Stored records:
####

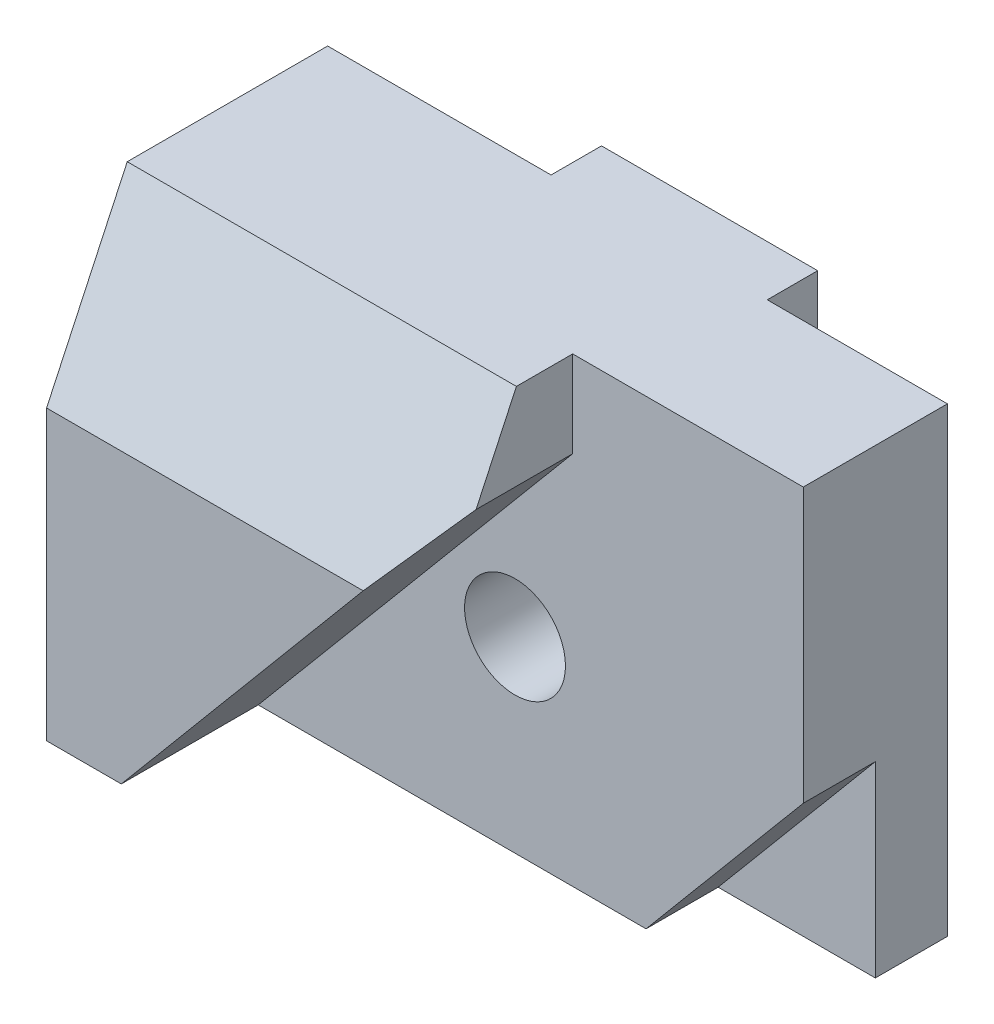
ISO-10303-21;
HEADER;
FILE_DESCRIPTION(('STEP AP214'),'2;1');
FILE_NAME('part.step','',(''),(''),'','','');
FILE_SCHEMA(('AUTOMOTIVE_DESIGN { 1 0 10303 214 1 1 1 1 }'));
ENDSEC;
DATA;
#1=APPLICATION_CONTEXT('core data for automotive mechanical design processes');
#2=APPLICATION_PROTOCOL_DEFINITION('international standard','automotive_design',2000,#1);
#3=PRODUCT_CONTEXT('',#1,'mechanical');
#4=PRODUCT('Part','Part','',(#3));
#5=PRODUCT_RELATED_PRODUCT_CATEGORY('part','',(#4));
#6=PRODUCT_DEFINITION_FORMATION('','',#4);
#7=PRODUCT_DEFINITION_CONTEXT('part definition',#1,'design');
#8=PRODUCT_DEFINITION('design','',#6,#7);
#9=PRODUCT_DEFINITION_SHAPE('','',#8);
#10=(LENGTH_UNIT() NAMED_UNIT(*) SI_UNIT(.MILLI.,.METRE.));
#11=(NAMED_UNIT(*) PLANE_ANGLE_UNIT() SI_UNIT($,.RADIAN.));
#12=(NAMED_UNIT(*) SI_UNIT($,.STERADIAN.) SOLID_ANGLE_UNIT());
#13=UNCERTAINTY_MEASURE_WITH_UNIT(LENGTH_MEASURE(1.E-05),#10,'distance_accuracy_value','');
#14=(GEOMETRIC_REPRESENTATION_CONTEXT(3) GLOBAL_UNCERTAINTY_ASSIGNED_CONTEXT((#13)) GLOBAL_UNIT_ASSIGNED_CONTEXT((#10,
#11,#12)) REPRESENTATION_CONTEXT('',''));
#15=CARTESIAN_POINT('',(0.,0.,0.));
#16=DIRECTION('',(0.,0.,1.));
#17=DIRECTION('',(1.,0.,0.));
#18=AXIS2_PLACEMENT_3D('',#15,#16,#17);
#19=CARTESIAN_POINT('',(0.,0.,0.));
#20=DIRECTION('',(0.,0.,-1.));
#21=DIRECTION('',(-1.,0.,0.));
#22=AXIS2_PLACEMENT_3D('',#19,#20,#21);
#23=PLANE('',#22);
#24=DIRECTION('',(-1.,0.,0.));
#25=VECTOR('',#24,1.);
#26=CARTESIAN_POINT('',(0.,64.,0.));
#27=LINE('',#26,#25);
#28=CARTESIAN_POINT('',(31.,64.,0.));
#29=VERTEX_POINT('',#28);
#30=CARTESIAN_POINT('',(0.,64.,0.));
#31=VERTEX_POINT('',#30);
#32=EDGE_CURVE('E178',#29,#31,#27,.T.);
#33=ORIENTED_EDGE('',*,*,#32,.F.);
#34=DIRECTION('',(0.,-1.,0.));
#35=VECTOR('',#34,1.);
#36=CARTESIAN_POINT('',(31.,64.,0.));
#37=LINE('',#36,#35);
#38=CARTESIAN_POINT('',(31.,0.,0.));
#39=VERTEX_POINT('',#38);
#40=EDGE_CURVE('E166',#29,#39,#37,.T.);
#41=ORIENTED_EDGE('',*,*,#40,.T.);
#42=DIRECTION('',(1.,0.,0.));
#43=VECTOR('',#42,1.);
#44=CARTESIAN_POINT('',(86.,0.,0.));
#45=LINE('',#44,#43);
#46=CARTESIAN_POINT('',(0.,0.,0.));
#47=VERTEX_POINT('',#46);
#48=EDGE_CURVE('E203',#47,#39,#45,.T.);
#49=ORIENTED_EDGE('',*,*,#48,.F.);
#50=DIRECTION('',(0.,-1.,0.));
#51=VECTOR('',#50,1.);
#52=CARTESIAN_POINT('',(0.,0.,0.));
#53=LINE('',#52,#51);
#54=EDGE_CURVE('E179',#31,#47,#53,.T.);
#55=ORIENTED_EDGE('',*,*,#54,.F.);
#56=EDGE_LOOP('',(#33,#41,#49,#55));
#57=FACE_BOUND('',#56,.T.);
#58=ADVANCED_FACE('F50',(#57),#23,.T.);
#59=CARTESIAN_POINT('',(0.,0.,20.));
#60=DIRECTION('',(0.,0.,1.));
#61=DIRECTION('',(1.,0.,0.));
#62=AXIS2_PLACEMENT_3D('',#59,#60,#61);
#63=PLANE('',#62);
#64=DIRECTION('',(-0.64278760968654,-0.766044443118977,0.));
#65=VECTOR('',#64,1.);
#66=CARTESIAN_POINT('',(86.,26.,20.));
#67=LINE('',#66,#65);
#68=CARTESIAN_POINT('',(86.,26.,20.));
#69=VERTEX_POINT('',#68);
#70=CARTESIAN_POINT('',(64.1834095893907,0.,20.));
#71=VERTEX_POINT('',#70);
#72=EDGE_CURVE('E248',#69,#71,#67,.T.);
#73=ORIENTED_EDGE('',*,*,#72,.F.);
#74=DIRECTION('',(0.,1.,0.));
#75=VECTOR('',#74,1.);
#76=CARTESIAN_POINT('',(86.,0.,20.));
#77=LINE('',#76,#75);
#78=CARTESIAN_POINT('',(86.,64.,20.));
#79=VERTEX_POINT('',#78);
#80=EDGE_CURVE('E204',#69,#79,#77,.T.);
#81=ORIENTED_EDGE('',*,*,#80,.T.);
#82=DIRECTION('',(-1.,0.,0.));
#83=VECTOR('',#82,1.);
#84=CARTESIAN_POINT('',(86.,64.,20.));
#85=LINE('',#84,#83);
#86=CARTESIAN_POINT('',(54.,64.,20.));
#87=VERTEX_POINT('',#86);
#88=EDGE_CURVE('E209',#79,#87,#85,.T.);
#89=ORIENTED_EDGE('',*,*,#88,.T.);
#90=DIRECTION('',(0.,-1.,0.));
#91=VECTOR('',#90,1.);
#92=CARTESIAN_POINT('',(54.,0.,20.));
#93=LINE('',#92,#91);
#94=CARTESIAN_POINT('',(54.,52.,20.));
#95=VERTEX_POINT('',#94);
#96=EDGE_CURVE('E219',#87,#95,#93,.T.);
#97=ORIENTED_EDGE('',*,*,#96,.T.);
#98=DIRECTION('',(-0.64278760968654,-0.766044443118977,0.));
#99=VECTOR('',#98,1.);
#100=CARTESIAN_POINT('',(6.08349921868961,-5.10466195066974,20.));
#101=LINE('',#100,#99);
#102=CARTESIAN_POINT('',(10.3668191787813,0.,20.));
#103=VERTEX_POINT('',#102);
#104=EDGE_CURVE('E221',#95,#103,#101,.T.);
#105=ORIENTED_EDGE('',*,*,#104,.T.);
#106=DIRECTION('',(1.,0.,0.));
#107=VECTOR('',#106,1.);
#108=CARTESIAN_POINT('',(0.,0.,20.));
#109=LINE('',#108,#107);
#110=EDGE_CURVE('E210',#103,#71,#109,.T.);
#111=ORIENTED_EDGE('',*,*,#110,.T.);
#112=EDGE_LOOP('',(#73,#81,#89,#97,#105,#111));
#113=FACE_BOUND('',#112,.T.);
#114=CARTESIAN_POINT('',(46.,26.,20.));
#115=DIRECTION('',(0.,0.,1.));
#116=DIRECTION('',(1.,0.,0.));
#117=AXIS2_PLACEMENT_3D('',#114,#115,#116);
#118=CIRCLE('',#117,7.);
#119=CARTESIAN_POINT('',(53.,26.,20.));
#120=VERTEX_POINT('',#119);
#121=EDGE_CURVE('E238',#120,#120,#118,.T.);
#122=ORIENTED_EDGE('',*,*,#121,.F.);
#123=EDGE_LOOP('',(#122));
#124=FACE_BOUND('',#123,.T.);
#125=ADVANCED_FACE('F275',(#113,#124),#63,.T.);
#126=CARTESIAN_POINT('',(86.,0.,10.));
#127=DIRECTION('',(0.,1.,0.));
#128=DIRECTION('',(0.,0.,1.));
#129=AXIS2_PLACEMENT_3D('',#126,#127,#128);
#130=PLANE('',#129);
#131=DIRECTION('',(1.,0.,0.));
#132=VECTOR('',#131,1.);
#133=CARTESIAN_POINT('',(86.,0.,10.));
#134=LINE('',#133,#132);
#135=CARTESIAN_POINT('',(64.1834095893907,0.,10.));
#136=VERTEX_POINT('',#135);
#137=CARTESIAN_POINT('',(86.,0.,10.));
#138=VERTEX_POINT('',#137);
#139=EDGE_CURVE('E72',#136,#138,#134,.T.);
#140=ORIENTED_EDGE('',*,*,#139,.F.);
#141=DIRECTION('',(0.,0.,1.));
#142=VECTOR('',#141,1.);
#143=CARTESIAN_POINT('',(64.1834095893907,0.,10.));
#144=LINE('',#143,#142);
#145=EDGE_CURVE('E241',#136,#71,#144,.T.);
#146=ORIENTED_EDGE('',*,*,#145,.T.);
#147=ORIENTED_EDGE('',*,*,#110,.F.);
#148=DIRECTION('',(0.,0.,-1.));
#149=VECTOR('',#148,1.);
#150=CARTESIAN_POINT('',(10.3668191787813,0.,39.));
#151=LINE('',#150,#149);
#152=CARTESIAN_POINT('',(10.3668191787813,0.,39.));
#153=VERTEX_POINT('',#152);
#154=EDGE_CURVE('E220',#153,#103,#151,.T.);
#155=ORIENTED_EDGE('',*,*,#154,.F.);
#156=DIRECTION('',(1.,0.,0.));
#157=VECTOR('',#156,1.);
#158=CARTESIAN_POINT('',(0.,0.,39.));
#159=LINE('',#158,#157);
#160=CARTESIAN_POINT('',(0.,0.,39.));
#161=VERTEX_POINT('',#160);
#162=EDGE_CURVE('E218',#161,#153,#159,.T.);
#163=ORIENTED_EDGE('',*,*,#162,.F.);
#164=DIRECTION('',(0.,0.,-1.));
#165=VECTOR('',#164,1.);
#166=CARTESIAN_POINT('',(0.,0.,10.));
#167=LINE('',#166,#165);
#168=EDGE_CURVE('E182',#161,#47,#167,.T.);
#169=ORIENTED_EDGE('',*,*,#168,.T.);
#170=ORIENTED_EDGE('',*,*,#48,.T.);
#171=DIRECTION('',(0.,0.,-1.));
#172=VECTOR('',#171,1.);
#173=CARTESIAN_POINT('',(31.,0.,0.));
#174=LINE('',#173,#172);
#175=CARTESIAN_POINT('',(31.,0.,-7.));
#176=VERTEX_POINT('',#175);
#177=EDGE_CURVE('E61',#39,#176,#174,.T.);
#178=ORIENTED_EDGE('',*,*,#177,.T.);
#179=DIRECTION('',(1.,0.,0.));
#180=VECTOR('',#179,1.);
#181=CARTESIAN_POINT('',(31.,0.,-7.));
#182=LINE('',#181,#180);
#183=CARTESIAN_POINT('',(61.,0.,-7.));
#184=VERTEX_POINT('',#183);
#185=EDGE_CURVE('E159',#176,#184,#182,.T.);
#186=ORIENTED_EDGE('',*,*,#185,.T.);
#187=DIRECTION('',(0.,0.,1.));
#188=VECTOR('',#187,1.);
#189=CARTESIAN_POINT('',(61.,0.,0.));
#190=LINE('',#189,#188);
#191=CARTESIAN_POINT('',(61.,0.,0.));
#192=VERTEX_POINT('',#191);
#193=EDGE_CURVE('E261',#184,#192,#190,.T.);
#194=ORIENTED_EDGE('',*,*,#193,.T.);
#195=CARTESIAN_POINT('',(86.,0.,0.));
#196=VERTEX_POINT('',#195);
#197=EDGE_CURVE('E169',#192,#196,#45,.T.);
#198=ORIENTED_EDGE('',*,*,#197,.T.);
#199=DIRECTION('',(0.,0.,-1.));
#200=VECTOR('',#199,1.);
#201=CARTESIAN_POINT('',(86.,0.,10.));
#202=LINE('',#201,#200);
#203=EDGE_CURVE('E57',#138,#196,#202,.T.);
#204=ORIENTED_EDGE('',*,*,#203,.F.);
#205=EDGE_LOOP('',(#140,#146,#147,#155,#163,#169,#170,#178,#186,#194,#198,#204));
#206=FACE_BOUND('',#205,.T.);
#207=ADVANCED_FACE('F47',(#206),#130,.F.);
#208=CARTESIAN_POINT('',(86.,64.,10.));
#209=DIRECTION('',(-1.,0.,0.));
#210=DIRECTION('',(0.,0.,1.));
#211=AXIS2_PLACEMENT_3D('',#208,#209,#210);
#212=PLANE('',#211);
#213=ORIENTED_EDGE('',*,*,#80,.F.);
#214=DIRECTION('',(0.,0.,1.));
#215=VECTOR('',#214,1.);
#216=CARTESIAN_POINT('',(86.,26.,10.));
#217=LINE('',#216,#215);
#218=CARTESIAN_POINT('',(86.,26.,10.));
#219=VERTEX_POINT('',#218);
#220=EDGE_CURVE('E242',#219,#69,#217,.T.);
#221=ORIENTED_EDGE('',*,*,#220,.F.);
#222=DIRECTION('',(0.,1.,0.));
#223=VECTOR('',#222,1.);
#224=CARTESIAN_POINT('',(86.,0.,10.));
#225=LINE('',#224,#223);
#226=EDGE_CURVE('E200',#138,#219,#225,.T.);
#227=ORIENTED_EDGE('',*,*,#226,.F.);
#228=ORIENTED_EDGE('',*,*,#203,.T.);
#229=DIRECTION('',(0.,1.,0.));
#230=VECTOR('',#229,1.);
#231=CARTESIAN_POINT('',(86.,64.,0.));
#232=LINE('',#231,#230);
#233=CARTESIAN_POINT('',(86.,64.,0.));
#234=VERTEX_POINT('',#233);
#235=EDGE_CURVE('E181',#196,#234,#232,.T.);
#236=ORIENTED_EDGE('',*,*,#235,.T.);
#237=DIRECTION('',(0.,0.,-1.));
#238=VECTOR('',#237,1.);
#239=CARTESIAN_POINT('',(86.,64.,10.));
#240=LINE('',#239,#238);
#241=EDGE_CURVE('E177',#79,#234,#240,.T.);
#242=ORIENTED_EDGE('',*,*,#241,.F.);
#243=EDGE_LOOP('',(#213,#221,#227,#228,#236,#242));
#244=FACE_BOUND('',#243,.T.);
#245=ADVANCED_FACE('F197',(#244),#212,.F.);
#246=CARTESIAN_POINT('',(0.,64.,10.));
#247=DIRECTION('',(0.,-1.,0.));
#248=DIRECTION('',(0.,0.,-1.));
#249=AXIS2_PLACEMENT_3D('',#246,#247,#248);
#250=PLANE('',#249);
#251=DIRECTION('',(0.,0.,-1.));
#252=VECTOR('',#251,1.);
#253=CARTESIAN_POINT('',(0.,64.,10.));
#254=LINE('',#253,#252);
#255=CARTESIAN_POINT('',(0.,64.,27.8086162042802));
#256=VERTEX_POINT('',#255);
#257=EDGE_CURVE('E187',#256,#31,#254,.T.);
#258=ORIENTED_EDGE('',*,*,#257,.F.);
#259=DIRECTION('',(-1.,0.,0.));
#260=VECTOR('',#259,1.);
#261=CARTESIAN_POINT('',(65.,64.,27.8086162042802));
#262=LINE('',#261,#260);
#263=CARTESIAN_POINT('',(54.,64.,27.8086162042802));
#264=VERTEX_POINT('',#263);
#265=EDGE_CURVE('E237',#264,#256,#262,.T.);
#266=ORIENTED_EDGE('',*,*,#265,.F.);
#267=DIRECTION('',(0.,0.,-1.));
#268=VECTOR('',#267,1.);
#269=CARTESIAN_POINT('',(54.,64.,39.));
#270=LINE('',#269,#268);
#271=EDGE_CURVE('E214',#264,#87,#270,.T.);
#272=ORIENTED_EDGE('',*,*,#271,.T.);
#273=ORIENTED_EDGE('',*,*,#88,.F.);
#274=ORIENTED_EDGE('',*,*,#241,.T.);
#275=CARTESIAN_POINT('',(61.,64.,0.));
#276=VERTEX_POINT('',#275);
#277=EDGE_CURVE('E170',#234,#276,#27,.T.);
#278=ORIENTED_EDGE('',*,*,#277,.T.);
#279=DIRECTION('',(0.,0.,1.));
#280=VECTOR('',#279,1.);
#281=CARTESIAN_POINT('',(61.,64.,0.));
#282=LINE('',#281,#280);
#283=CARTESIAN_POINT('',(61.,64.,-7.));
#284=VERTEX_POINT('',#283);
#285=EDGE_CURVE('E146',#284,#276,#282,.T.);
#286=ORIENTED_EDGE('',*,*,#285,.F.);
#287=DIRECTION('',(1.,0.,0.));
#288=VECTOR('',#287,1.);
#289=CARTESIAN_POINT('',(31.,64.,-7.));
#290=LINE('',#289,#288);
#291=CARTESIAN_POINT('',(31.,64.,-7.));
#292=VERTEX_POINT('',#291);
#293=EDGE_CURVE('E168',#292,#284,#290,.T.);
#294=ORIENTED_EDGE('',*,*,#293,.F.);
#295=DIRECTION('',(0.,0.,-1.));
#296=VECTOR('',#295,1.);
#297=CARTESIAN_POINT('',(31.,64.,0.));
#298=LINE('',#297,#296);
#299=EDGE_CURVE('E157',#29,#292,#298,.T.);
#300=ORIENTED_EDGE('',*,*,#299,.F.);
#301=ORIENTED_EDGE('',*,*,#32,.T.);
#302=EDGE_LOOP('',(#258,#266,#272,#273,#274,#278,#286,#294,#300,#301));
#303=FACE_BOUND('',#302,.T.);
#304=ADVANCED_FACE('F172',(#303),#250,.F.);
#305=CARTESIAN_POINT('',(0.,0.,10.));
#306=DIRECTION('',(1.,0.,0.));
#307=DIRECTION('',(0.,0.,-1.));
#308=AXIS2_PLACEMENT_3D('',#305,#306,#307);
#309=PLANE('',#308);
#310=DIRECTION('',(0.,-1.,0.));
#311=VECTOR('',#310,1.);
#312=CARTESIAN_POINT('',(0.,0.,39.));
#313=LINE('',#312,#311);
#314=CARTESIAN_POINT('',(0.,40.,39.));
#315=VERTEX_POINT('',#314);
#316=EDGE_CURVE('E229',#315,#161,#313,.T.);
#317=ORIENTED_EDGE('',*,*,#316,.F.);
#318=DIRECTION('',(0.,-0.906307787036653,0.422618261740694));
#319=VECTOR('',#318,1.);
#320=CARTESIAN_POINT('',(0.,40.,39.));
#321=LINE('',#320,#319);
#322=EDGE_CURVE('E236',#256,#315,#321,.T.);
#323=ORIENTED_EDGE('',*,*,#322,.F.);
#324=ORIENTED_EDGE('',*,*,#257,.T.);
#325=ORIENTED_EDGE('',*,*,#54,.T.);
#326=ORIENTED_EDGE('',*,*,#168,.F.);
#327=EDGE_LOOP('',(#317,#323,#324,#325,#326));
#328=FACE_BOUND('',#327,.T.);
#329=ADVANCED_FACE('F288',(#328),#309,.F.);
#330=DIRECTION('',(0.,-1.,0.));
#331=VECTOR('',#330,1.);
#332=CARTESIAN_POINT('',(61.,64.,0.));
#333=LINE('',#332,#331);
#334=EDGE_CURVE('E155',#276,#192,#333,.T.);
#335=ORIENTED_EDGE('',*,*,#334,.F.);
#336=ORIENTED_EDGE('',*,*,#277,.F.);
#337=ORIENTED_EDGE('',*,*,#235,.F.);
#338=ORIENTED_EDGE('',*,*,#197,.F.);
#339=EDGE_LOOP('',(#335,#336,#337,#338));
#340=FACE_BOUND('',#339,.T.);
#341=ADVANCED_FACE('F164',(#340),#23,.T.);
#342=CARTESIAN_POINT('',(6.08349921868961,-5.10466195066974,39.));
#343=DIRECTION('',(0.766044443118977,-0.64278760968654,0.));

####

### [What is needed]
Reproduce only the lines above, starting at the line with "#133=CARTESIAN_POINT('',(86.,0.,10.));" and ending at the line with "#139=EDGE_CURVE('E72',#136,#138,#134,.T.);", exactly as written.

### [Result of this task]
#133=CARTESIAN_POINT('',(86.,0.,10.));
#134=LINE('',#133,#132);
#135=CARTESIAN_POINT('',(64.1834095893907,0.,10.));
#136=VERTEX_POINT('',#135);
#137=CARTESIAN_POINT('',(86.,0.,10.));
#138=VERTEX_POINT('',#137);
#139=EDGE_CURVE('E72',#136,#138,#134,.T.);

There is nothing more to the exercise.